Data extracted from a collection
━━━━━━━━
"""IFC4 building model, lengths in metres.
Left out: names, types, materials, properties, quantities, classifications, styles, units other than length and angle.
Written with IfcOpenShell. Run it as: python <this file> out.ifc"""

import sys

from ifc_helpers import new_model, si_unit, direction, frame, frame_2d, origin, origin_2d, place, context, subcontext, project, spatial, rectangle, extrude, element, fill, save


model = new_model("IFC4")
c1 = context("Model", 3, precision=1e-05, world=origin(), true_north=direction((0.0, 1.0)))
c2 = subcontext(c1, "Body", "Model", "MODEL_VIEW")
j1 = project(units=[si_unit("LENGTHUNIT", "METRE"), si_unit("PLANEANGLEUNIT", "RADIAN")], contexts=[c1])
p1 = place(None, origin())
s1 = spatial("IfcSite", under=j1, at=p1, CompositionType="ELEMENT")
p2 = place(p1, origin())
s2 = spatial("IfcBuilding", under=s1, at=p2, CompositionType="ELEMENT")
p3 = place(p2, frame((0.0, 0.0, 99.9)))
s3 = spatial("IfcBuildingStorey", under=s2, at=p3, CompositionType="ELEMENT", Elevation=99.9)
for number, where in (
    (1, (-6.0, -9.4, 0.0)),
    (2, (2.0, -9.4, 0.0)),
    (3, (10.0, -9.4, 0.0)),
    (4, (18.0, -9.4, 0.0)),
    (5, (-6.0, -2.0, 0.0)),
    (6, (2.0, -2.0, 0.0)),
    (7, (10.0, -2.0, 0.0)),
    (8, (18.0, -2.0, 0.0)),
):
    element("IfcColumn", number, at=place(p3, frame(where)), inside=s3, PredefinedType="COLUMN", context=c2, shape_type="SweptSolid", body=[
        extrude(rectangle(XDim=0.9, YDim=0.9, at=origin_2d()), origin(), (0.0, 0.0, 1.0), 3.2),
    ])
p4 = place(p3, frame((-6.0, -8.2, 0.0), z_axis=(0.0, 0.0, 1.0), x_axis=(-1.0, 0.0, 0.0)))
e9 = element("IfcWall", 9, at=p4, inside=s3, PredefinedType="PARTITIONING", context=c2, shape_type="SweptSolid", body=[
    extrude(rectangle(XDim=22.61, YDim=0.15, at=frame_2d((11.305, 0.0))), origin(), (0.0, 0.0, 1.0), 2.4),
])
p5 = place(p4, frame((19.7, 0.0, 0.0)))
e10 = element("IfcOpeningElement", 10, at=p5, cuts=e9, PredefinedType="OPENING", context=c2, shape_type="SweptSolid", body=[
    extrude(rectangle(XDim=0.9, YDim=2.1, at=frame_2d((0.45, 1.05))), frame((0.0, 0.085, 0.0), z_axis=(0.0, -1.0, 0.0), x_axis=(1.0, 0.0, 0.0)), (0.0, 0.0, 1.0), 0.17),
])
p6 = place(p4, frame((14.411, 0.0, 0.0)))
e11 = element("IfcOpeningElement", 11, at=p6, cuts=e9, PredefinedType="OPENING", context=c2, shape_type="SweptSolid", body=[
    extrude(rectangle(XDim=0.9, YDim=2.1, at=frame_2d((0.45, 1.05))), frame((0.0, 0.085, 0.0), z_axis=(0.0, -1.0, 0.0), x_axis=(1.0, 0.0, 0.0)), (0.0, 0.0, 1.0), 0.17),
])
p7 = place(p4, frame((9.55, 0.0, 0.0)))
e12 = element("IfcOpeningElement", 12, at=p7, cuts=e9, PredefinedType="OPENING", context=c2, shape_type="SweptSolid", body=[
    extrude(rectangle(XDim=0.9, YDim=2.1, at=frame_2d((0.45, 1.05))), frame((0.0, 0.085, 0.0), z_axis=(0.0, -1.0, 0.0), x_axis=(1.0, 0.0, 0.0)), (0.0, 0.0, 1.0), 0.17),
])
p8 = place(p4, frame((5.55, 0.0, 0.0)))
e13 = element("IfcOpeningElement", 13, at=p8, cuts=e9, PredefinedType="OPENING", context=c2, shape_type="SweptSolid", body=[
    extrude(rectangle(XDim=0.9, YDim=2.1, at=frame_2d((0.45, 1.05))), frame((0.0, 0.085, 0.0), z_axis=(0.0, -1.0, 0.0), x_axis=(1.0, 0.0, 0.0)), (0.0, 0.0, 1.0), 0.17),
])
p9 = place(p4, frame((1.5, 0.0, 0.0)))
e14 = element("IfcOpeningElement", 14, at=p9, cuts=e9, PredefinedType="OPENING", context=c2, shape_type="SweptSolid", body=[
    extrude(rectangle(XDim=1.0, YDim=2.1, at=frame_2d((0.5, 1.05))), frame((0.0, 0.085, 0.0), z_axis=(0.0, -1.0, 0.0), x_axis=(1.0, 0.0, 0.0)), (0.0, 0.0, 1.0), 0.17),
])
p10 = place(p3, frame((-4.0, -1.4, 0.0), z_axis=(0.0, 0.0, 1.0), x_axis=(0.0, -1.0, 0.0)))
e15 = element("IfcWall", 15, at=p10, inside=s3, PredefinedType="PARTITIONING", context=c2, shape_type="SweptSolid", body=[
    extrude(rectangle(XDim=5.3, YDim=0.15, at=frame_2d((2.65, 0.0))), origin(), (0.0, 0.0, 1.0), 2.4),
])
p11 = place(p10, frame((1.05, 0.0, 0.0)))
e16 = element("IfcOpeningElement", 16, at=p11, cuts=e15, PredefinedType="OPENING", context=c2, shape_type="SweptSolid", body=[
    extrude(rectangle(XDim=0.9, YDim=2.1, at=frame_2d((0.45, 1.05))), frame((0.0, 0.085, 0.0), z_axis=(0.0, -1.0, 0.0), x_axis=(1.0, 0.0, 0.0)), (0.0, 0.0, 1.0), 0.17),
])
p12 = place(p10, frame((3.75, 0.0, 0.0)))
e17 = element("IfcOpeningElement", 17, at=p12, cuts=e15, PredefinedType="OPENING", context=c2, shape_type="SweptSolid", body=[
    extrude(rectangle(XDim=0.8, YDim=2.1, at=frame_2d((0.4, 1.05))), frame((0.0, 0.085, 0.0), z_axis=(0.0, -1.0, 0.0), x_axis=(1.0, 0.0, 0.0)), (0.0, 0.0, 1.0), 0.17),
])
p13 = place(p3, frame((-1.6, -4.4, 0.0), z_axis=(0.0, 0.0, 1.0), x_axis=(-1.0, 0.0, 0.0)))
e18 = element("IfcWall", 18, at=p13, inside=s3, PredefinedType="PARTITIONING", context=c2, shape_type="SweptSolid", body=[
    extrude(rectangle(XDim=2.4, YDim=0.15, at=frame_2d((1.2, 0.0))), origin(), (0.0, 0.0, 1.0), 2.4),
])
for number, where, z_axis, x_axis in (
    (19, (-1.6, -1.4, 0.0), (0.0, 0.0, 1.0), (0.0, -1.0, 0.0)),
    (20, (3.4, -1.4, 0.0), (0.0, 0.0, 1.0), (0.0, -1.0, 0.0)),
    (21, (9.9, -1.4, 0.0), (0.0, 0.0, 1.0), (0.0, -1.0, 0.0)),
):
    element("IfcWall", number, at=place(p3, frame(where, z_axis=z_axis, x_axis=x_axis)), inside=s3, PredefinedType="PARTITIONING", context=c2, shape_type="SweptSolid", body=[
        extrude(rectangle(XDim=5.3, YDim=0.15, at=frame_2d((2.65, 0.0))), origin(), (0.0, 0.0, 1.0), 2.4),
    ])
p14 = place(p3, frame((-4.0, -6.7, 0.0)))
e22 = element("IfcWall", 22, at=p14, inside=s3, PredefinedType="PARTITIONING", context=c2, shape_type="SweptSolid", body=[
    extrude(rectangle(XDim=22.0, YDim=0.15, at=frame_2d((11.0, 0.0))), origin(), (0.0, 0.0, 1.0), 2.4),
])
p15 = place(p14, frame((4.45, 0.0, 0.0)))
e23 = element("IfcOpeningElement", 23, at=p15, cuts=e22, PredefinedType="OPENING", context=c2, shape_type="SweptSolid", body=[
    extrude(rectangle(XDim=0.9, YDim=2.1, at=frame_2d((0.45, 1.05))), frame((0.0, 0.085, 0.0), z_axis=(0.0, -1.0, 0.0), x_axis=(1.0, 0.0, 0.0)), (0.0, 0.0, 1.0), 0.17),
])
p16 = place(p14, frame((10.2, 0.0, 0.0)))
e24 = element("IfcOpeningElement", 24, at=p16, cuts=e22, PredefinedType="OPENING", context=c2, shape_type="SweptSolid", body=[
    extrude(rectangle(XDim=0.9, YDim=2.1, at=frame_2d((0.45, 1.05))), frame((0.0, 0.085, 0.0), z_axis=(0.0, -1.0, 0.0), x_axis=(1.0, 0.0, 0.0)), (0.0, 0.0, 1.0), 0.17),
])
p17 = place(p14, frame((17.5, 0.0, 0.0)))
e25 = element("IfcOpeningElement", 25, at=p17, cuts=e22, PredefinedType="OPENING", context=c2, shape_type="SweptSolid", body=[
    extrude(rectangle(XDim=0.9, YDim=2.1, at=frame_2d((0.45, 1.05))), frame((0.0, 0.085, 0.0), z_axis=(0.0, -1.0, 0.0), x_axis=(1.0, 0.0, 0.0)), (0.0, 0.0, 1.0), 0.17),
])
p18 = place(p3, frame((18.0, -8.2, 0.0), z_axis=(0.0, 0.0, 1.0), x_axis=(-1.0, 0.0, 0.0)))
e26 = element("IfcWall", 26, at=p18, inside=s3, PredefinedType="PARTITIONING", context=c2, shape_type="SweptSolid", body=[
━━━━━━━━
Exercise
Look above for the line holding "p2 = place(p1, origin())", then set down exactly that line and every line after it up to and including the line holding "for number, where in", with nothing else.

The completed task
p2 = place(p1, origin())
s2 = spatial("IfcBuilding", under=s1, at=p2, CompositionType="ELEMENT")
p3 = place(p2, frame((0.0, 0.0, 99.9)))
s3 = spatial("IfcBuildingStorey", under=s2, at=p3, CompositionType="ELEMENT", Elevation=99.9)
for number, where in (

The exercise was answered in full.